= Beginning of Section =

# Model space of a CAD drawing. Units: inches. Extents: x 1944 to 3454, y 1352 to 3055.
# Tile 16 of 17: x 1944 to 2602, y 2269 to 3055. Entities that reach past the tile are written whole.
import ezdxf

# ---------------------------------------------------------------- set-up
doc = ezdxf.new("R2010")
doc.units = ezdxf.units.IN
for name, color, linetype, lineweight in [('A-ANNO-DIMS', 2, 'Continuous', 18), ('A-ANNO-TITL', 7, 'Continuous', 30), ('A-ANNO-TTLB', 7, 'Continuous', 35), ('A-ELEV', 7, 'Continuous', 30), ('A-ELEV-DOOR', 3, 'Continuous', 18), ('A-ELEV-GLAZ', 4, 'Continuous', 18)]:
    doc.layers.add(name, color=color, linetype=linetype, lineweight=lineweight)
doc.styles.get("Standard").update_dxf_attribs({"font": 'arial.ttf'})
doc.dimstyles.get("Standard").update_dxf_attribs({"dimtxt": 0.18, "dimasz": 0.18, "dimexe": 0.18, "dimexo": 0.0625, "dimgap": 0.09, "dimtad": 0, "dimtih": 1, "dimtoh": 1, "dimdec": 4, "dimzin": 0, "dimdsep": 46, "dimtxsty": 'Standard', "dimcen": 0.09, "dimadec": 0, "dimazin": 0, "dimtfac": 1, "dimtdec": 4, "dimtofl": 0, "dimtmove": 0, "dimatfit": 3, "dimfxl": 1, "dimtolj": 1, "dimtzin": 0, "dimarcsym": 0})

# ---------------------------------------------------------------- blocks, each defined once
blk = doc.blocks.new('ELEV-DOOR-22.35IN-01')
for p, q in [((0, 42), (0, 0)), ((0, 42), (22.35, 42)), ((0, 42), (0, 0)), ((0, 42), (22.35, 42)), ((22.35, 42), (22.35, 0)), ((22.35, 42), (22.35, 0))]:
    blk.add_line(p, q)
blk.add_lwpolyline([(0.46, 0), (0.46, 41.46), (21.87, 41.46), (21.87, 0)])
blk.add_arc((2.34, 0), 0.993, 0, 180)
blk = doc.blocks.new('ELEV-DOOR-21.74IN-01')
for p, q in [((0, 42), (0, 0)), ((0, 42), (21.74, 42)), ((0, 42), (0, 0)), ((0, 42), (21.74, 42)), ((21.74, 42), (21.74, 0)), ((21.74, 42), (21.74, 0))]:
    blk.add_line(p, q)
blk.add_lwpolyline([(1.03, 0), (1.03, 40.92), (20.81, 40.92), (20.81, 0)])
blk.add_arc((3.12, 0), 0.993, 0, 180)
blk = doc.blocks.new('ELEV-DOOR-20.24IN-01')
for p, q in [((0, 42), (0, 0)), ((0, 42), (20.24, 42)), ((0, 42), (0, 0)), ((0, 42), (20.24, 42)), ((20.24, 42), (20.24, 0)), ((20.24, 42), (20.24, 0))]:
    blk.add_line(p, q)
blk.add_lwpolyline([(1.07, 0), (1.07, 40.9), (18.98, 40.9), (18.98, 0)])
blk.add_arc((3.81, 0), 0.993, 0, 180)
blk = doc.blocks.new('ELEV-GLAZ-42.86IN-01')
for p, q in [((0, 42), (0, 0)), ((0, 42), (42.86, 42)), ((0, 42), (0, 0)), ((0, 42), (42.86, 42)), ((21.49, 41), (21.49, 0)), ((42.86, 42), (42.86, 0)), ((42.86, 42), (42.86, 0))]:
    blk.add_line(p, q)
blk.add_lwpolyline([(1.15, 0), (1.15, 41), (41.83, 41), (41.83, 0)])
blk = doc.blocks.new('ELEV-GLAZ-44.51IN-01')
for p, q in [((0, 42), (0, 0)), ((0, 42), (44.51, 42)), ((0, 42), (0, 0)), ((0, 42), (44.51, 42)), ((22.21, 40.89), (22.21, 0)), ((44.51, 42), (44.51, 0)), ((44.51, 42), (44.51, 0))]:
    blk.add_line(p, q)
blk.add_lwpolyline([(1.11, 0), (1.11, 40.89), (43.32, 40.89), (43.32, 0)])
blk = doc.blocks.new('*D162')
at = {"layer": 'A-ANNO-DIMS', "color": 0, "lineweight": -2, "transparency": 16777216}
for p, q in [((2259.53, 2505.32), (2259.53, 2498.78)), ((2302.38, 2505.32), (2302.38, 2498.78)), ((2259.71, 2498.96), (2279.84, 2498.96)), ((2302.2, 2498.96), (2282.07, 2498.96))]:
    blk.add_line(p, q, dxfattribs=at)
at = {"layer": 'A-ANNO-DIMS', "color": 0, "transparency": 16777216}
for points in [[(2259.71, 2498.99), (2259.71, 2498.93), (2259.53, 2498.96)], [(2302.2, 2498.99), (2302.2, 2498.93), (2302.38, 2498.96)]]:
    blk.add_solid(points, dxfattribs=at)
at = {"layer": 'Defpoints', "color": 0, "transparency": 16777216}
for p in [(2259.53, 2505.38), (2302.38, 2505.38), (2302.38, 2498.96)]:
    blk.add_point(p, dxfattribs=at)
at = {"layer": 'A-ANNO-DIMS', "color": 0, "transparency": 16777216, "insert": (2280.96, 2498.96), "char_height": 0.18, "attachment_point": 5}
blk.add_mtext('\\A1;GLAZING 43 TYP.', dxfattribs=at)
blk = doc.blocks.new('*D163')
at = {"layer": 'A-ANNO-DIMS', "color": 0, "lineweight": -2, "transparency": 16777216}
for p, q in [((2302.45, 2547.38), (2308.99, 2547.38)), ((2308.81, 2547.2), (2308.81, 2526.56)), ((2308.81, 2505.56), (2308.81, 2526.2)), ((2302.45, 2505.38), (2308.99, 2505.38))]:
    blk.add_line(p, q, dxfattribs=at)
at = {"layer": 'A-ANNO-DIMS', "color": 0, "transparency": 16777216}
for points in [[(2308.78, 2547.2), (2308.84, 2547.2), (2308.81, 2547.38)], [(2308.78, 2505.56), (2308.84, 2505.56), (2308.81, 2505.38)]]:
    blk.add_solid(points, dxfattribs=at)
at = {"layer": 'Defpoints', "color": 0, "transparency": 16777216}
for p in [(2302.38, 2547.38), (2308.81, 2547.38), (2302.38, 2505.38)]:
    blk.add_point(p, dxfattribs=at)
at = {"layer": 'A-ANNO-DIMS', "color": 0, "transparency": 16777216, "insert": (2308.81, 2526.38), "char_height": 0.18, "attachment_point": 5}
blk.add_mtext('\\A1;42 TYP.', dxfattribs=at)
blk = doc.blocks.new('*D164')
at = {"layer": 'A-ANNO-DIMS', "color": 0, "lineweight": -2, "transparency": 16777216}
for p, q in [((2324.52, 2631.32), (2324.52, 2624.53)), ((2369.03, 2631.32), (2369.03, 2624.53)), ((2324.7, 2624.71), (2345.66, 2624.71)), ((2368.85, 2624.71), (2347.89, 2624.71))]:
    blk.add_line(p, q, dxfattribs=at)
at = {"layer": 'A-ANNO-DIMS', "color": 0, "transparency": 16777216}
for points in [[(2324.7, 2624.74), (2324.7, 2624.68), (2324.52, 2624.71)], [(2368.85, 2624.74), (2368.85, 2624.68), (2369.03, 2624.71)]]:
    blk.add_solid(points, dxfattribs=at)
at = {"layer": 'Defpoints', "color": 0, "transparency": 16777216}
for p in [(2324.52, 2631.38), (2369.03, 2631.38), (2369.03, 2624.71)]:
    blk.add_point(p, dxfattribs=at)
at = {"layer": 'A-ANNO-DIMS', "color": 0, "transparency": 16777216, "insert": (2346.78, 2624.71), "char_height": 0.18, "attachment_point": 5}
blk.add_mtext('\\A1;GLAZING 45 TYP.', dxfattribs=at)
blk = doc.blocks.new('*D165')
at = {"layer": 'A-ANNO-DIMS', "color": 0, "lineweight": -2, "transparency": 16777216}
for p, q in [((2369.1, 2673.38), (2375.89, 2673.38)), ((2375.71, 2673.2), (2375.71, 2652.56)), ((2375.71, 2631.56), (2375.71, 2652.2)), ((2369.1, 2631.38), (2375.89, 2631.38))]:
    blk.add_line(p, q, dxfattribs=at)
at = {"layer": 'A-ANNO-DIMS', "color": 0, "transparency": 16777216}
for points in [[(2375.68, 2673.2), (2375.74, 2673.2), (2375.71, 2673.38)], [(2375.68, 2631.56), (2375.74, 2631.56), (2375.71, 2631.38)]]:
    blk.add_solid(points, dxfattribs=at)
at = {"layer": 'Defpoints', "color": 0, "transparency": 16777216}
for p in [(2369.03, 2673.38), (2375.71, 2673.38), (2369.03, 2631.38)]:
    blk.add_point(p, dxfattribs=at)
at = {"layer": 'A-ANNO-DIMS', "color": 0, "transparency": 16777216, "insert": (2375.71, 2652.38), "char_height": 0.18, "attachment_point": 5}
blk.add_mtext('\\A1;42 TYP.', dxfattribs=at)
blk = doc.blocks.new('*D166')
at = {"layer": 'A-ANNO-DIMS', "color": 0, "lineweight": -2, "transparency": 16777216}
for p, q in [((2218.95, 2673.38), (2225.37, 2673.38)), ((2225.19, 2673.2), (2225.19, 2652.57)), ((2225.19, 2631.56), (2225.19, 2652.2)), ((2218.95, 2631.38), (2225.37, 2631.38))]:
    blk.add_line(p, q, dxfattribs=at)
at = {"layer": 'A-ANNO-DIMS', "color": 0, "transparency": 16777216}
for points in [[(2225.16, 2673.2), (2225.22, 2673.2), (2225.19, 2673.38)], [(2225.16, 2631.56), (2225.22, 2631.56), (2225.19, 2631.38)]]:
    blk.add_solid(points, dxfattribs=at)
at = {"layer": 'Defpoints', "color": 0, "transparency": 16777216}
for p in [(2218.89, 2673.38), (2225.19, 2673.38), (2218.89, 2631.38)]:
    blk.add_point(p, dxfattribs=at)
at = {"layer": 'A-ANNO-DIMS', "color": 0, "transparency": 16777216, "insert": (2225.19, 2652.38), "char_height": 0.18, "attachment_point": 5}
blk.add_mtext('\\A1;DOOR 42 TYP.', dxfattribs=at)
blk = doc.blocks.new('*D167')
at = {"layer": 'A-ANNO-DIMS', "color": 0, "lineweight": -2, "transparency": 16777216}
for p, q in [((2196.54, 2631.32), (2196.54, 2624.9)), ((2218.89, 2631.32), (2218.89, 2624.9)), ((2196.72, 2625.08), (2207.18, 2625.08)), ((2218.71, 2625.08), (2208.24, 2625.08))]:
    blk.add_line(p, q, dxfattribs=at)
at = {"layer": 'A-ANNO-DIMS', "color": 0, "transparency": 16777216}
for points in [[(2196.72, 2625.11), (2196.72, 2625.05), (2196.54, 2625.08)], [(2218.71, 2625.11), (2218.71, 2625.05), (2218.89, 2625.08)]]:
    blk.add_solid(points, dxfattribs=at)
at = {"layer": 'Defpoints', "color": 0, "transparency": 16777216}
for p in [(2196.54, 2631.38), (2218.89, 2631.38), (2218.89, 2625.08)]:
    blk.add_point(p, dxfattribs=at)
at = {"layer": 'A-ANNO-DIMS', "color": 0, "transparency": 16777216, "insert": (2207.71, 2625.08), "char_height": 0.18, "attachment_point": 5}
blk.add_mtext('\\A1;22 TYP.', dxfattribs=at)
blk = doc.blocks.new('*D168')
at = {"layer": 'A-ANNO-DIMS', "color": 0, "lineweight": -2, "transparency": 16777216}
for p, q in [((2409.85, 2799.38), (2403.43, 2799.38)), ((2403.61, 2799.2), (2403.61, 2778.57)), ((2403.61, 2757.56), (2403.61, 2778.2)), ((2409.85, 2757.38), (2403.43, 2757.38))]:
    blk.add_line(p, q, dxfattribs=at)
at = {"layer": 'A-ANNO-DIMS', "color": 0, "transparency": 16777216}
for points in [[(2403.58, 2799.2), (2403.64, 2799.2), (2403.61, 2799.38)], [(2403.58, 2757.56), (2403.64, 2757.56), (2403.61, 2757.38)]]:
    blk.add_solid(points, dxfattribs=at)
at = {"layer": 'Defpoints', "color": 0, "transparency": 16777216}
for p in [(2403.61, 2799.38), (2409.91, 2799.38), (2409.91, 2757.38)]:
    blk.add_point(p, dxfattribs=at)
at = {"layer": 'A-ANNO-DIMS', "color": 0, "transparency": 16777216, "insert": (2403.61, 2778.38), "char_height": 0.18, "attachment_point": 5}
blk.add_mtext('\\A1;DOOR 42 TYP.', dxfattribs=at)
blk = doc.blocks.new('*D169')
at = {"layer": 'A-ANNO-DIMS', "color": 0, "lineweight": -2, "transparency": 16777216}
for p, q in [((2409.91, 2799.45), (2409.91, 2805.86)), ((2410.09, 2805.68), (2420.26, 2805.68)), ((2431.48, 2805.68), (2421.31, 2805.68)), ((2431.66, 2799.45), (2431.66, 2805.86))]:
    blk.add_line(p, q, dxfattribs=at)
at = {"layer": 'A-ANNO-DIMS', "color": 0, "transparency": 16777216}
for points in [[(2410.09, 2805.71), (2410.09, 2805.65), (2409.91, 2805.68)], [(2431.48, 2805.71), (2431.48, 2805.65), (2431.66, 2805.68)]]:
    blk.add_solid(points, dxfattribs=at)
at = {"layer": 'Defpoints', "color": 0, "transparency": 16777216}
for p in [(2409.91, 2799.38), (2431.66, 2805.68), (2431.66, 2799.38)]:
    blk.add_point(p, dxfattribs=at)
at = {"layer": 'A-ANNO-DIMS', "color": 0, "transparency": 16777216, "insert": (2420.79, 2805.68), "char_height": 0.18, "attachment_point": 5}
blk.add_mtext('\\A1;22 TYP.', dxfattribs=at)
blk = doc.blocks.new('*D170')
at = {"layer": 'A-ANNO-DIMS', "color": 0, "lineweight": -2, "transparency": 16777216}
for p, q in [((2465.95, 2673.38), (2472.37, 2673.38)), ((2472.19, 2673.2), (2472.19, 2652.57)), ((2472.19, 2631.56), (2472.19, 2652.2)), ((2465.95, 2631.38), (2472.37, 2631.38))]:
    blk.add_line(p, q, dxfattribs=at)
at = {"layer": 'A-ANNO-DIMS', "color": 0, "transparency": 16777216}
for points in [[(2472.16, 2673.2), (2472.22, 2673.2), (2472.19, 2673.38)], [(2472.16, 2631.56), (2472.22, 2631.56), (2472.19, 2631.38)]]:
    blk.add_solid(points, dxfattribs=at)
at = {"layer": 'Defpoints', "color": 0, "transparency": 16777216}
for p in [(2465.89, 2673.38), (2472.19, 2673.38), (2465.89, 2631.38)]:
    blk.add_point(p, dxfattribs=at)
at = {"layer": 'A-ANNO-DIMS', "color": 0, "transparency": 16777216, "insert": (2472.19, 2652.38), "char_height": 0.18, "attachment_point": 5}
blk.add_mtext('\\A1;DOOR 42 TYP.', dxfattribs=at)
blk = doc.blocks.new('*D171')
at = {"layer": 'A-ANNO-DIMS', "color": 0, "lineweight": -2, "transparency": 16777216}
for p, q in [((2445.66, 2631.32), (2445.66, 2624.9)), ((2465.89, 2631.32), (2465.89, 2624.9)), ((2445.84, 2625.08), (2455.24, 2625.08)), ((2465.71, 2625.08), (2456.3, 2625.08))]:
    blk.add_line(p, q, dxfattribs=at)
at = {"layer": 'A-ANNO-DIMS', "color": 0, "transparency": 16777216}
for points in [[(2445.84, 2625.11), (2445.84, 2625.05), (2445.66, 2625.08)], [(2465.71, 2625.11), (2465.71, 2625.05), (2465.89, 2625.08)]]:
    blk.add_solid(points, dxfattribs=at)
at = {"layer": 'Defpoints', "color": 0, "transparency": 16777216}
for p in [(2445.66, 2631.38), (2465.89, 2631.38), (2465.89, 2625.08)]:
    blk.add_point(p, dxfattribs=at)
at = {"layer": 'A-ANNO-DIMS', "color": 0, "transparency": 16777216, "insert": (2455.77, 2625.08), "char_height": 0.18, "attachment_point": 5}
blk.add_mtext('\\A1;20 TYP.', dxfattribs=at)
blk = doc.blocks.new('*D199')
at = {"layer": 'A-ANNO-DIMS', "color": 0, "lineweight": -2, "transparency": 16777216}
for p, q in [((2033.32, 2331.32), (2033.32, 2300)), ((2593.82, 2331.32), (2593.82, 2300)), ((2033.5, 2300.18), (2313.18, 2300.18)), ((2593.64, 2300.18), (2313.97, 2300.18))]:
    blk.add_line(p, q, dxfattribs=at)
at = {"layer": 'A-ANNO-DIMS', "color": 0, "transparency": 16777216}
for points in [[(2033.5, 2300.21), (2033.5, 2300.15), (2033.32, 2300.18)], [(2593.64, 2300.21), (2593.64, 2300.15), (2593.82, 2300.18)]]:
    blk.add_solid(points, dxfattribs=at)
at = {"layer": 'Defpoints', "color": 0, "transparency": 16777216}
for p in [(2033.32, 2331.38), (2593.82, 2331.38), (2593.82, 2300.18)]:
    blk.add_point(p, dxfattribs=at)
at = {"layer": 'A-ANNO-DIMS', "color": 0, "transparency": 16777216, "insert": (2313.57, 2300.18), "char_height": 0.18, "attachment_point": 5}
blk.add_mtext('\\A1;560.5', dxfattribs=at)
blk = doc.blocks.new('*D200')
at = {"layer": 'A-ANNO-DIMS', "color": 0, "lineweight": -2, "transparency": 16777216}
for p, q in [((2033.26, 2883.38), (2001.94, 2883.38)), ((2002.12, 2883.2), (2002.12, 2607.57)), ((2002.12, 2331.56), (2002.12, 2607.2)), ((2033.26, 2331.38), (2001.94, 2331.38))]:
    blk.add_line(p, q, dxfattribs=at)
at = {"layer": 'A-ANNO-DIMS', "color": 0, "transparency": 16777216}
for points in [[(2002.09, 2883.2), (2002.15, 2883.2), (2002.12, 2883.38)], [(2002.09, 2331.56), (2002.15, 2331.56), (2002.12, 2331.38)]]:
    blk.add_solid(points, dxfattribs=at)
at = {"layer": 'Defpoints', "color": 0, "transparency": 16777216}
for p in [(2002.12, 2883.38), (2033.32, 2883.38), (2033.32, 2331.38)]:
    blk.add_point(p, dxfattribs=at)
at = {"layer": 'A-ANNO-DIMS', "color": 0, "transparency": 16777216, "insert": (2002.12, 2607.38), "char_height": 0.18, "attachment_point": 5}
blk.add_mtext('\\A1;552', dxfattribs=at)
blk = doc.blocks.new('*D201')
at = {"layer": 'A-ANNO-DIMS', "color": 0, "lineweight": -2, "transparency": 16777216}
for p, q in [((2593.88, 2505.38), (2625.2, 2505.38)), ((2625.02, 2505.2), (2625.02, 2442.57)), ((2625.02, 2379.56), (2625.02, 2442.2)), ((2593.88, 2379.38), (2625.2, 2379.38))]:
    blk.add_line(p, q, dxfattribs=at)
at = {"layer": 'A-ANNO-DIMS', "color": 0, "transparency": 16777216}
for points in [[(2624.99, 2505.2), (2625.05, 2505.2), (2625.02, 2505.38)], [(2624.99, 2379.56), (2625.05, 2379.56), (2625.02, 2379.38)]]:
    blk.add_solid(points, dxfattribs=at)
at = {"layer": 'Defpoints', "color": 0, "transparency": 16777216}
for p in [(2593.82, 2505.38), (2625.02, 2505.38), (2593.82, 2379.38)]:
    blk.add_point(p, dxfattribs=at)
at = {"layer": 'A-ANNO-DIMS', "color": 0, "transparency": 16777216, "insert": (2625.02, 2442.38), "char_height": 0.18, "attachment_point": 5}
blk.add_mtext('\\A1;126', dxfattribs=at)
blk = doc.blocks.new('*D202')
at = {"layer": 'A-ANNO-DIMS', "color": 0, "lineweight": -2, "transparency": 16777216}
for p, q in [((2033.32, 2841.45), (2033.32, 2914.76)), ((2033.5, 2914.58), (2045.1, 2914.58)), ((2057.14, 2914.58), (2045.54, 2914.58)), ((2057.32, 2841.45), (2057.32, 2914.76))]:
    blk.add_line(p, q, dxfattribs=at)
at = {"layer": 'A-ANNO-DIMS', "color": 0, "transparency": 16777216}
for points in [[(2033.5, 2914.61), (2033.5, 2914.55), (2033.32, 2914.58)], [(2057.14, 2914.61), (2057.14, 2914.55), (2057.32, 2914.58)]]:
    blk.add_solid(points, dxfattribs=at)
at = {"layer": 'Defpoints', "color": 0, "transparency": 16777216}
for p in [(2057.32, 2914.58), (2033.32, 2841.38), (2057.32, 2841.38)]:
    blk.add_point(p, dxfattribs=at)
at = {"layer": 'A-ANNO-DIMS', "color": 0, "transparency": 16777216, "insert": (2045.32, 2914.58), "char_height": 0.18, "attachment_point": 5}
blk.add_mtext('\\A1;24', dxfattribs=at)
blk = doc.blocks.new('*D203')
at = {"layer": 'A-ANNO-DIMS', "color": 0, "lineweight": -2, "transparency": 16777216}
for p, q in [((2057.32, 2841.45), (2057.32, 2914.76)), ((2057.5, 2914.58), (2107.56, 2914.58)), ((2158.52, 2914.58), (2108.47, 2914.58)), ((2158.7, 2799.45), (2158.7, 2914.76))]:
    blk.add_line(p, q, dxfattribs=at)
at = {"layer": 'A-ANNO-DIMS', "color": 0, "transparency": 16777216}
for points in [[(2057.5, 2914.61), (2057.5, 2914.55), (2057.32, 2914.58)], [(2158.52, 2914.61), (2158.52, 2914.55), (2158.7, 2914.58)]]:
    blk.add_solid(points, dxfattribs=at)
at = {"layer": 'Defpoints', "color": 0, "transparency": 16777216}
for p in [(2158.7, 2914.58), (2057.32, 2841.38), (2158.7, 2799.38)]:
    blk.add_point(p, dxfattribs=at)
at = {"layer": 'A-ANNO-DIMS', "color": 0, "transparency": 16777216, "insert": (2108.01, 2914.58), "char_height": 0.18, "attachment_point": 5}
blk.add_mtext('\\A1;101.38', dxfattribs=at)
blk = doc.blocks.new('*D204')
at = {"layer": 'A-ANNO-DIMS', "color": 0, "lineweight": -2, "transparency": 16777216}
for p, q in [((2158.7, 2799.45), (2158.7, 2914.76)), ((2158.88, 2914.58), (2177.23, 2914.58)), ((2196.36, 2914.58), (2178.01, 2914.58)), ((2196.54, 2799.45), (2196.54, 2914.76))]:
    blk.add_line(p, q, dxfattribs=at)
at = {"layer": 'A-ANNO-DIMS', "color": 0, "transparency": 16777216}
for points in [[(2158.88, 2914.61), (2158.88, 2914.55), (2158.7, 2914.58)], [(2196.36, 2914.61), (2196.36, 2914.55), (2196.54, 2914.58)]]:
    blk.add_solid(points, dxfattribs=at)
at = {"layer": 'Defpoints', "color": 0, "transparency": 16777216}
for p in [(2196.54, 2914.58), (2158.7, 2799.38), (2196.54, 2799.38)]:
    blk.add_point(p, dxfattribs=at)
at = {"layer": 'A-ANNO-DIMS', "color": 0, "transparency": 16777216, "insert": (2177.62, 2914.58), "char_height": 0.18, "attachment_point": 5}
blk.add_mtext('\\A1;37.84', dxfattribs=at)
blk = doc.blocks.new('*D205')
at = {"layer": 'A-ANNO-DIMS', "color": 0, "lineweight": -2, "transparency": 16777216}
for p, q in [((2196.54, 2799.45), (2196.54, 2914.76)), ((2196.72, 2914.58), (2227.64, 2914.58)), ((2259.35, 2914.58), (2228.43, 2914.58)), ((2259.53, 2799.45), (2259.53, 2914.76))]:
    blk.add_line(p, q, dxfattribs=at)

= End of Section =

Your instructions. For this exercise, repeat exactly the lines of the data above from the one with "blk = doc.blocks.new('ELEV-DOOR-21.74IN-01')" down to the one with "40.92), (20.81, 0)])", both end lines included.

Exercise answer.
blk = doc.blocks.new('ELEV-DOOR-21.74IN-01')
for p, q in [((0, 42), (0, 0)), ((0, 42), (21.74, 42)), ((0, 42), (0, 0)), ((0, 42), (21.74, 42)), ((21.74, 42), (21.74, 0)), ((21.74, 42), (21.74, 0))]:
    blk.add_line(p, q)
blk.add_lwpolyline([(1.03, 0), (1.03, 40.92), (20.81, 40.92), (20.81, 0)])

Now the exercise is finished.